§ **YOUR TASK**: Copy each record exactly as it reads, leaving out any pictures it holds.

[Stored items from a collection]
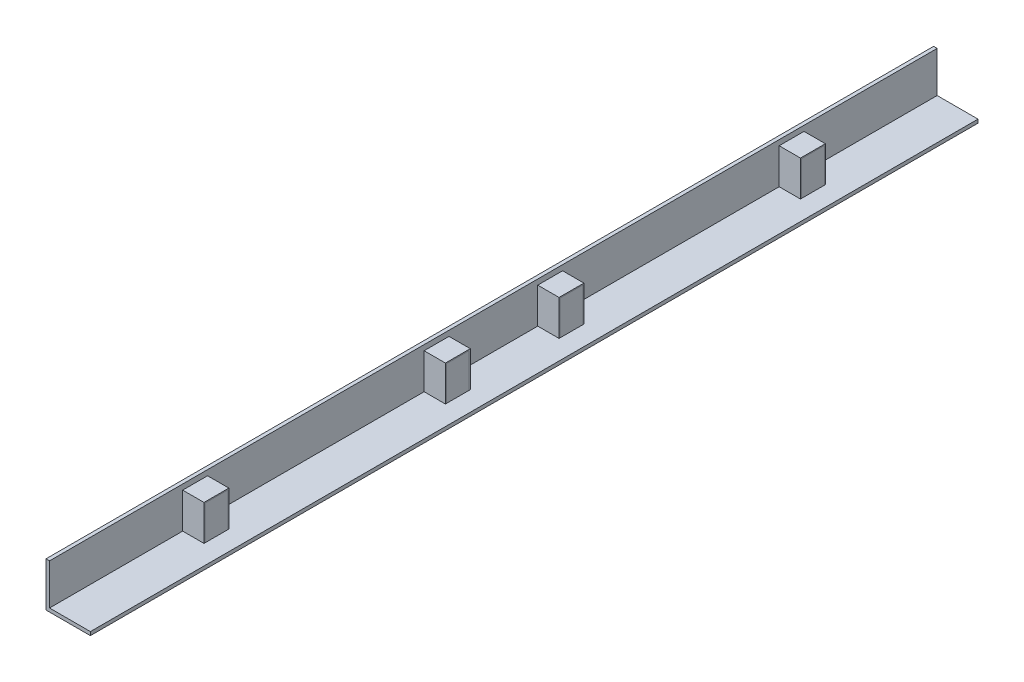
from build123d import *

# Parameters (mm, degrees)
EXTRUDE_1_DEPTH        = 1250
EXTRUDE_1_2_DEPTH      = 60
SKETCH_3_W             = 64
SKETCH_3_H             = 97
EXTRUDE_2_DEPTH        = 3
PATTERN_LINEAR_1_COUNT = 2
PATTERN_LINEAR_1_PITCH = 680
SKETCH_4_W             = 46
SKETCH_4_H             = 60
CUT_EXTRUDE_1_DEPTH    = 10


with BuildPart() as part:
    # 草图1 → Extrude 1 (new, symmetric)
    with BuildSketch(Plane.XY):
        Polygon((0, 125), (10, 125), (10, 10), (125, 10), (125, 0), (0, 0), align=None)
    extrude(amount=EXTRUDE_1_DEPTH, both=True)

    # 草图4 → 切除-拉伸1 (cut)
    with BuildSketch(Plane.XZ):
        with Locations((44, 160)):
            Rectangle(SKETCH_4_W, SKETCH_4_H)
        with Locations((44, 840)):
            Rectangle(SKETCH_4_W, SKETCH_4_H)
        with Locations((44, -840)):
            Rectangle(SKETCH_4_W, SKETCH_4_H)
        with Locations((44, -160)):
            Rectangle(SKETCH_4_W, SKETCH_4_H)
    extrude(amount=-CUT_EXTRUDE_1_DEPTH, mode=Mode.SUBTRACT)


with BuildPart() as body_2:
    # 草图2 → Extrude 1 2 (new body)
    with BuildSketch(Plane(origin=(10, 0, 0), x_dir=(0, 0, -1), z_dir=(1, 0, 0))):
        Polygon((-872, 10), (-872, 107), (-808, 107), (-808, 10), (-805, 10), (-805, 110), (-875, 110), (-875, 10), align=None)
    extrude(amount=EXTRUDE_1_2_DEPTH)


with BuildPart() as body_3:
    # 草图3 → 凸台-拉伸2 (new body)
    with BuildSketch(Plane(origin=(70, 0, 0), x_dir=(0, 0, -1), z_dir=(1, 0, 0))):
        with Locations((-840, 58.5)):
            Rectangle(SKETCH_3_W, SKETCH_3_H)
    extrude(amount=-EXTRUDE_2_DEPTH)


with BuildPart() as pattern_linear_1_1:
    # 阵列(线性)1: pattern copy
    add(body_2.part.moved(Location(Vector(0, 0, -1) * (1 * PATTERN_LINEAR_1_PITCH))))


with BuildPart() as pattern_linear_1_2:
    # 阵列(线性)1: pattern copy
    add(body_3.part.moved(Location(Vector(0, 0, -1) * (1 * PATTERN_LINEAR_1_PITCH))))


with BuildPart() as body_6:
    # 镜向1: mirrored copy
    add(pattern_linear_1_2.part.mirror(Plane.XY))


with BuildPart() as body_7:
    # Mirror 1 2: mirrored copy
    add(body_2.part.mirror(Plane.XY))


with BuildPart() as body_8:
    # Mirror 1 3: mirrored copy
    add(pattern_linear_1_1.part.mirror(Plane.XY))


with BuildPart() as body_9:
    # Mirror 1 4: mirrored copy
    add(body_3.part.mirror(Plane.XY))


solid = Compound([part.part, body_2.part, body_3.part, pattern_linear_1_1.part, pattern_linear_1_2.part, body_6.part, body_7.part, body_8.part, body_9.part])

§ **ANSWER SECTION**:
from build123d import *

# Parameters (mm, degrees)
EXTRUDE_1_DEPTH        = 1250
EXTRUDE_1_2_DEPTH      = 60
SKETCH_3_W             = 64
SKETCH_3_H             = 97
EXTRUDE_2_DEPTH        = 3
PATTERN_LINEAR_1_COUNT = 2
PATTERN_LINEAR_1_PITCH = 680
SKETCH_4_W             = 46
SKETCH_4_H             = 60
CUT_EXTRUDE_1_DEPTH    = 10


with BuildPart() as part:
    # 草图1 → Extrude 1 (new, symmetric)
    with BuildSketch(Plane.XY):
        Polygon((0, 125), (10, 125), (10, 10), (125, 10), (125, 0), (0, 0), align=None)
    extrude(amount=EXTRUDE_1_DEPTH, both=True)

    # 草图4 → 切除-拉伸1 (cut)
    with BuildSketch(Plane.XZ):
        with Locations((44, 160)):
            Rectangle(SKETCH_4_W, SKETCH_4_H)
        with Locations((44, 840)):
            Rectangle(SKETCH_4_W, SKETCH_4_H)
        with Locations((44, -840)):
            Rectangle(SKETCH_4_W, SKETCH_4_H)
        with Locations((44, -160)):
            Rectangle(SKETCH_4_W, SKETCH_4_H)
    extrude(amount=-CUT_EXTRUDE_1_DEPTH, mode=Mode.SUBTRACT)


with BuildPart() as body_2:
    # 草图2 → Extrude 1 2 (new body)
    with BuildSketch(Plane(origin=(10, 0, 0), x_dir=(0, 0, -1), z_dir=(1, 0, 0))):
        Polygon((-872, 10), (-872, 107), (-808, 107), (-808, 10), (-805, 10), (-805, 110), (-875, 110), (-875, 10), align=None)
    extrude(amount=EXTRUDE_1_2_DEPTH)


with BuildPart() as body_3:
    # 草图3 → 凸台-拉伸2 (new body)
    with BuildSketch(Plane(origin=(70, 0, 0), x_dir=(0, 0, -1), z_dir=(1, 0, 0))):
        with Locations((-840, 58.5)):
            Rectangle(SKETCH_3_W, SKETCH_3_H)
    extrude(amount=-EXTRUDE_2_DEPTH)


with BuildPart() as pattern_linear_1_1:
    # 阵列(线性)1: pattern copy
    add(body_2.part.moved(Location(Vector(0, 0, -1) * (1 * PATTERN_LINEAR_1_PITCH))))


with BuildPart() as pattern_linear_1_2:
    # 阵列(线性)1: pattern copy
    add(body_3.part.moved(Location(Vector(0, 0, -1) * (1 * PATTERN_LINEAR_1_PITCH))))


with BuildPart() as body_6:
    # 镜向1: mirrored copy
    add(pattern_linear_1_2.part.mirror(Plane.XY))


with BuildPart() as body_7:
    # Mirror 1 2: mirrored copy
    add(body_2.part.mirror(Plane.XY))


with BuildPart() as body_8:
    # Mirror 1 3: mirrored copy
    add(pattern_linear_1_1.part.mirror(Plane.XY))


with BuildPart() as body_9:
    # Mirror 1 4: mirrored copy
    add(body_3.part.mirror(Plane.XY))


solid = Compound([part.part, body_2.part, body_3.part, pattern_linear_1_1.part, pattern_linear_1_2.part, body_6.part, body_7.part, body_8.part, body_9.part])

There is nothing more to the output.